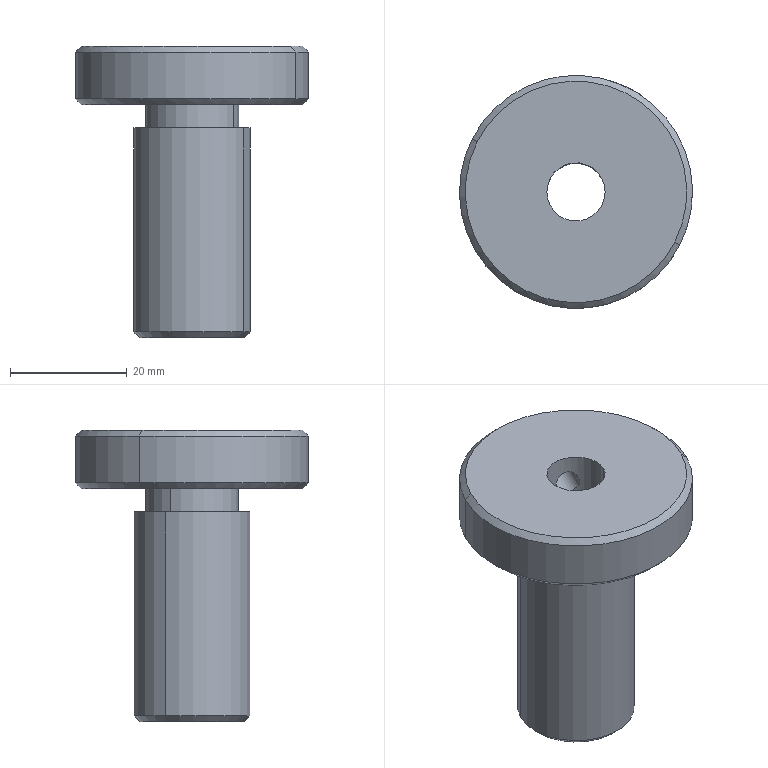Component | SolidWorks | AdjustingScrew-1 | 1 solid | 20 faces | box 40 x 40 x 50 mm | volume 20390 mm3 | cylinder 10 | cone 6 | plane 4 | commonest cylinder face diameters 4.2 x2 10 x2 40 x2 16 x2 20 x2
build123d program:
from build123d import *

# Parameters (mm, degrees)
F_10_0_10_DIAMETER_HOLE1_D = 10
SKETCH4_W                  = 2.1
SKETCH4_H                  = 15.462


with BuildPart() as part:
    # Sketch1 → Revolve1 (revolve)
    with BuildSketch(Plane.XY, mode=Mode.PRIVATE) as revolve1_sk:
        Polygon((-50, 9), (-50, 0), (0, 0), (0, 19), (-1, 20), (-9, 20), (-10, 19), (-10, 8), (-14, 8), (-14, 10), (-49, 10), align=None)
    revolve(revolve1_sk.sketch.rotate(Axis((-50, 0, 0), (1, 0, 0)), 270), axis=Axis((-50, 0, 0), (1, 0, 0)))

    # 10.0 _10_ Diameter Hole1 (through all)
    with Locations(Plane.ZY.offset(50)):
        with Locations((0, 0)):
            Hole(F_10_0_10_DIAMETER_HOLE1_D / 2)

    # Sketch4 → 4.2 _4.2_ Diameter Hole1 (revolve, cut)
    with BuildSketch(Plane(origin=(-5, 4.538, 0), x_dir=(0, 0, -1), z_dir=(1, 0, 0))):
        with Locations((1.05, 7.731)):
            Rectangle(SKETCH4_W, SKETCH4_H)
    revolve(axis=Axis((-5, -1.812, 0), (0, 1, 0)), mode=Mode.SUBTRACT)


solid = part.part

# Placed as in the assembly
solid = solid.moved(Location((376.258, 489.105, 284.94), (-90, -63.116, -90)))
STEP:
#1=COLOUR_RGB('',0.7922,0.8196,0.9333);
#2=FILL_AREA_STYLE_COLOUR('',#1);
#3=FILL_AREA_STYLE('',(#2));
#4=SURFACE_STYLE_FILL_AREA(#3);
#5=SURFACE_SIDE_STYLE('',(#4));
#6=SURFACE_STYLE_USAGE(.BOTH.,#5);
#7=PRESENTATION_STYLE_ASSIGNMENT((#6));
#8=CARTESIAN_POINT('',(15.241,19.917,11.021));
#9=VERTEX_POINT('',#8);
#10=CARTESIAN_POINT('',(15.094,19.992,11.021));
#11=VERTEX_POINT('',#10);
#12=CARTESIAN_POINT('',(15.241,19.917,11.021));
#13=CARTESIAN_POINT('',(15.241,19.917,11.016));
#14=CARTESIAN_POINT('',(15.241,19.917,11.01));
#15=CARTESIAN_POINT('',(15.239,19.919,11.));
#16=CARTESIAN_POINT('',(15.238,19.919,10.995));
#17=CARTESIAN_POINT('',(15.234,19.922,10.985));
#18=CARTESIAN_POINT('',(15.232,19.923,10.98));
#19=CARTESIAN_POINT('',(15.227,19.926,10.971));
#20=CARTESIAN_POINT('',(15.224,19.928,10.967));
#21=CARTESIAN_POINT('',(15.217,19.932,10.959));
#22=CARTESIAN_POINT('',(15.214,19.934,10.956));
#23=CARTESIAN_POINT('',(15.206,19.939,10.95));
#24=CARTESIAN_POINT('',(15.202,19.941,10.947));
#25=CARTESIAN_POINT('',(15.193,19.946,10.943));
#26=CARTESIAN_POINT('',(15.188,19.948,10.941));
#27=CARTESIAN_POINT('',(15.179,19.953,10.939));
#28=CARTESIAN_POINT('',(15.174,19.956,10.939));
#29=CARTESIAN_POINT('',(15.16,19.963,10.939));
#30=CARTESIAN_POINT('',(15.15,19.968,10.941));
#31=CARTESIAN_POINT('',(15.132,19.976,10.949));
#32=CARTESIAN_POINT('',(15.123,19.98,10.955));
#33=CARTESIAN_POINT('',(15.113,19.984,10.967));
#34=CARTESIAN_POINT('',(15.109,19.986,10.971));
#35=CARTESIAN_POINT('',(15.104,19.988,10.98));
#36=CARTESIAN_POINT('',(15.102,19.989,10.985));
#37=CARTESIAN_POINT('',(15.098,19.99,10.995));
#38=CARTESIAN_POINT('',(15.096,19.991,11.));
#39=CARTESIAN_POINT('',(15.094,19.992,11.01));
#40=CARTESIAN_POINT('',(15.094,19.992,11.016));
#41=CARTESIAN_POINT('',(15.094,19.992,11.021));
#42=B_SPLINE_CURVE_WITH_KNOTS('',3,(#12,#13,#14,#15,#16,#17,#18,#19,#20,#21,#22,#23,#24,#25,#26,#27,#28,#29,#30,#31,#32,#33,#34,#35,#36,#37,#38,#39,#40,#41),.UNSPECIFIED.,.F.,.F.,(4,2,2,2,2,2,2,2,2,2,2,2,2,2,4),(0.003286,0.003696,0.004107,0.004518,0.004928,0.005339,0.00575,0.00616,0.006571,0.007392,0.008213,0.008624,0.009035,0.009445,0.009856),.UNSPECIFIED.);
#43=EDGE_CURVE('',#9,#11,#42,.T.);
#44=ORIENTED_EDGE('',*,*,#43,.T.);
#45=CARTESIAN_POINT('',(14.82,19.453,11.021));
#46=VERTEX_POINT('',#45);
#47=CARTESIAN_POINT('',(14.82,19.453,11.021));
#48=DIRECTION('',(-0.4522,-0.8919,-0.));
#49=VECTOR('',#48,39.37);
#50=LINE('',#47,#49);
#51=EDGE_CURVE('',#11,#46,#50,.T.);
#52=ORIENTED_EDGE('',*,*,#51,.T.);
#53=CARTESIAN_POINT('',(14.968,19.378,11.021));
#54=VERTEX_POINT('',#53);
#55=CARTESIAN_POINT('',(14.968,19.378,11.021));
#56=CARTESIAN_POINT('',(14.968,19.378,11.016));
#57=CARTESIAN_POINT('',(14.967,19.379,11.01));
#58=CARTESIAN_POINT('',(14.966,19.38,11.));
#59=CARTESIAN_POINT('',(14.965,19.382,10.994));
#60=CARTESIAN_POINT('',(14.962,19.385,10.984));
#61=CARTESIAN_POINT('',(14.96,19.387,10.98));
#62=CARTESIAN_POINT('',(14.956,19.392,10.971));
#63=CARTESIAN_POINT('',(14.953,19.395,10.967));
#64=CARTESIAN_POINT('',(14.945,19.403,10.955));
#65=CARTESIAN_POINT('',(14.938,19.409,10.949));
#66=CARTESIAN_POINT('',(14.926,19.418,10.943));
#67=CARTESIAN_POINT('',(14.921,19.421,10.941));
#68=CARTESIAN_POINT('',(14.912,19.427,10.939));
#69=CARTESIAN_POINT('',(14.907,19.429,10.939));
#70=CARTESIAN_POINT('',(14.897,19.434,10.939));
#71=CARTESIAN_POINT('',(14.892,19.436,10.939));
#72=CARTESIAN_POINT('',(14.883,19.44,10.941));
#73=CARTESIAN_POINT('',(14.878,19.442,10.943));
#74=CARTESIAN_POINT('',(14.868,19.445,10.947));
#75=CARTESIAN_POINT('',(14.863,19.447,10.95));
#76=CARTESIAN_POINT('',(14.854,19.449,10.956));
#77=CARTESIAN_POINT('',(14.85,19.45,10.959));
#78=CARTESIAN_POINT('',(14.842,19.451,10.967));
#79=CARTESIAN_POINT('',(14.839,19.451,10.971));
#80=CARTESIAN_POINT('',(14.832,19.452,10.98));
#81=CARTESIAN_POINT('',(14.83,19.452,10.984));
#82=CARTESIAN_POINT('',(14.823,19.453,10.999));
#83=CARTESIAN_POINT('',(14.82,19.453,11.01));
#84=CARTESIAN_POINT('',(14.82,19.453,11.021));
#85=B_SPLINE_CURVE_WITH_KNOTS('',3,(#55,#56,#57,#58,#59,#60,#61,#62,#63,#64,#65,#66,#67,#68,#69,#70,#71,#72,#73,#74,#75,#76,#77,#78,#79,#80,#81,#82,#83,#84),.UNSPECIFIED.,.F.,.F.,(4,2,2,2,2,2,2,2,2,2,2,2,2,2,4),(0.,0.0004152,0.0008304,0.001246,0.001661,0.002491,0.002906,0.003322,0.003737,0.004152,0.004567,0.004982,0.005398,0.005813,0.006643),.UNSPECIFIED.);
#86=EDGE_CURVE('',#54,#46,#85,.T.);
#87=ORIENTED_EDGE('',*,*,#86,.F.);
#88=CARTESIAN_POINT('',(14.968,19.378,11.021));
#89=DIRECTION('',(-0.4522,-0.8919,-0.));
#90=VECTOR('',#89,39.37);
#91=LINE('',#88,#90);
#92=EDGE_CURVE('',#9,#54,#91,.T.);
#93=ORIENTED_EDGE('',*,*,#92,.F.);
#94=EDGE_LOOP('',(#44,#52,#87,#93));
#95=FACE_OUTER_BOUND('',#94,.T.);
#96=CARTESIAN_POINT('',(14.894,19.415,11.021));
#97=DIRECTION('',(-0.4522,-0.8919,-0.));
#98=DIRECTION('',(0.8919,-0.4522,0.));
#99=AXIS2_PLACEMENT_3D('',#96,#97,#98);
#100=CYLINDRICAL_SURFACE('',#99,0.08268);
#101=ADVANCED_FACE('',(#95),#100,.F.);
#102=CARTESIAN_POINT('',(14.989,19.167,11.218));
#103=VERTEX_POINT('',#102);
#104=CARTESIAN_POINT('',(14.638,19.345,11.218));
#105=VERTEX_POINT('',#104);
#106=CARTESIAN_POINT('',(14.813,19.256,11.218));
#107=DIRECTION('',(0.,0.,-1.));
#108=DIRECTION('',(-0.8919,0.4522,0.));
#109=AXIS2_PLACEMENT_3D('',#106,#107,#108);
#110=CIRCLE('',#109,0.1969);
#111=EDGE_CURVE('',#103,#105,#110,.T.);
#112=ORIENTED_EDGE('',*,*,#111,.F.);
#113=CARTESIAN_POINT('',(14.989,19.167,9.25));
#114=VERTEX_POINT('',#113);
#115=CARTESIAN_POINT('',(14.989,19.167,9.25));
#116=DIRECTION('',(0.,0.,-1.));
#117=VECTOR('',#116,39.37);
#118=LINE('',#115,#117);
#119=EDGE_CURVE('',#103,#114,#118,.T.);
#120=ORIENTED_EDGE('',*,*,#119,.T.);
#121=CARTESIAN_POINT('',(14.638,19.345,9.25));
#122=VERTEX_POINT('',#121);
#123=CARTESIAN_POINT('',(14.813,19.256,9.25));
#124=DIRECTION('',(0.,0.,-1.));
#125=DIRECTION('',(-0.8919,0.4522,0.));
#126=AXIS2_PLACEMENT_3D('',#123,#124,#125);
#127=CIRCLE('',#126,0.1969);
#128=EDGE_CURVE('',#114,#122,#127,.T.);
#129=ORIENTED_EDGE('',*,*,#128,.T.);
#130=CARTESIAN_POINT('',(14.638,19.345,9.25));
#131=DIRECTION('',(0.,0.,-1.));
#132=VECTOR('',#131,39.37);
#133=LINE('',#130,#132);
#134=EDGE_CURVE('',#105,#122,#133,.T.);
#135=ORIENTED_EDGE('',*,*,#134,.F.);
#136=EDGE_LOOP('',(#112,#120,#129,#135));
#137=FACE_OUTER_BOUND('',#136,.T.);
#138=CARTESIAN_POINT('',(14.813,19.256,9.25));
#139=DIRECTION('',(0.,0.,-1.));
#140=DIRECTION('',(-0.8919,0.4522,0.));
#141=AXIS2_PLACEMENT_3D('',#138,#139,#140);
#142=CYLINDRICAL_SURFACE('',#141,0.1969);
#143=ADVANCED_FACE('',(#137),#142,.F.);
#144=CARTESIAN_POINT('',(15.48,18.918,11.218));
#145=VERTEX_POINT('',#144);
#146=CARTESIAN_POINT('',(14.146,19.594,11.218));
#147=VERTEX_POINT('',#146);
#148=CARTESIAN_POINT('',(14.813,19.256,11.218));
#149=DIRECTION('',(-0.,-0.,1.));
#150=DIRECTION('',(0.8919,-0.4522,0.));
#151=AXIS2_PLACEMENT_3D('',#148,#149,#150);
#152=CIRCLE('',#151,0.748);
#153=EDGE_CURVE('',#145,#147,#152,.T.);
#154=ORIENTED_EDGE('',*,*,#153,.F.);
#155=CARTESIAN_POINT('',(15.516,18.9,11.179));
#156=VERTEX_POINT('',#155);
#157=CARTESIAN_POINT('',(15.48,18.918,11.218));
#158=DIRECTION('',(0.6307,-0.3198,-0.7071));
#159=VECTOR('',#158,39.37);
#160=LINE('',#157,#159);
#161=EDGE_CURVE('',#145,#156,#160,.T.);
#162=ORIENTED_EDGE('',*,*,#161,.T.);
#163=CARTESIAN_POINT('',(14.111,19.612,11.179));
#164=VERTEX_POINT('',#163);
#165=CARTESIAN_POINT('',(14.813,19.256,11.179));
#166=DIRECTION('',(-0.,-0.,1.));
#167=DIRECTION('',(0.8919,-0.4522,0.));
#168=AXIS2_PLACEMENT_3D('',#165,#166,#167);
#169=CIRCLE('',#168,0.7874);
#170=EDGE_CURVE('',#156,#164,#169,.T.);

• • • • •

● **ASSIGNMENT**: The line containing "#16=CARTESIAN_POINT('',(15.238,19.919,10.995));" marks the end: transcribe every line from the start of the listing up to and including it, minus the pictures.

● **OUTPUT OF THE EXERCISE**:
Component | SolidWorks | AdjustingScrew-1 | 1 solid | 20 faces | box 40 x 40 x 50 mm | volume 20390 mm3 | cylinder 10 | cone 6 | plane 4 | commonest cylinder face diameters 4.2 x2 10 x2 40 x2 16 x2 20 x2
build123d program:
from build123d import *

# Parameters (mm, degrees)
F_10_0_10_DIAMETER_HOLE1_D = 10
SKETCH4_W                  = 2.1
SKETCH4_H                  = 15.462


with BuildPart() as part:
    # Sketch1 → Revolve1 (revolve)
    with BuildSketch(Plane.XY, mode=Mode.PRIVATE) as revolve1_sk:
        Polygon((-50, 9), (-50, 0), (0, 0), (0, 19), (-1, 20), (-9, 20), (-10, 19), (-10, 8), (-14, 8), (-14, 10), (-49, 10), align=None)
    revolve(revolve1_sk.sketch.rotate(Axis((-50, 0, 0), (1, 0, 0)), 270), axis=Axis((-50, 0, 0), (1, 0, 0)))

    # 10.0 _10_ Diameter Hole1 (through all)
    with Locations(Plane.ZY.offset(50)):
        with Locations((0, 0)):
            Hole(F_10_0_10_DIAMETER_HOLE1_D / 2)

    # Sketch4 → 4.2 _4.2_ Diameter Hole1 (revolve, cut)
    with BuildSketch(Plane(origin=(-5, 4.538, 0), x_dir=(0, 0, -1), z_dir=(1, 0, 0))):
        with Locations((1.05, 7.731)):
            Rectangle(SKETCH4_W, SKETCH4_H)
    revolve(axis=Axis((-5, -1.812, 0), (0, 1, 0)), mode=Mode.SUBTRACT)


solid = part.part

# Placed as in the assembly
solid = solid.moved(Location((376.258, 489.105, 284.94), (-90, -63.116, -90)))
STEP:
#1=COLOUR_RGB('',0.7922,0.8196,0.9333);
#2=FILL_AREA_STYLE_COLOUR('',#1);
#3=FILL_AREA_STYLE('',(#2));
#4=SURFACE_STYLE_FILL_AREA(#3);
#5=SURFACE_SIDE_STYLE('',(#4));
#6=SURFACE_STYLE_USAGE(.BOTH.,#5);
#7=PRESENTATION_STYLE_ASSIGNMENT((#6));
#8=CARTESIAN_POINT('',(15.241,19.917,11.021));
#9=VERTEX_POINT('',#8);
#10=CARTESIAN_POINT('',(15.094,19.992,11.021));
#11=VERTEX_POINT('',#10);
#12=CARTESIAN_POINT('',(15.241,19.917,11.021));
#13=CARTESIAN_POINT('',(15.241,19.917,11.016));
#14=CARTESIAN_POINT('',(15.241,19.917,11.01));
#15=CARTESIAN_POINT('',(15.239,19.919,11.));
#16=CARTESIAN_POINT('',(15.238,19.919,10.995));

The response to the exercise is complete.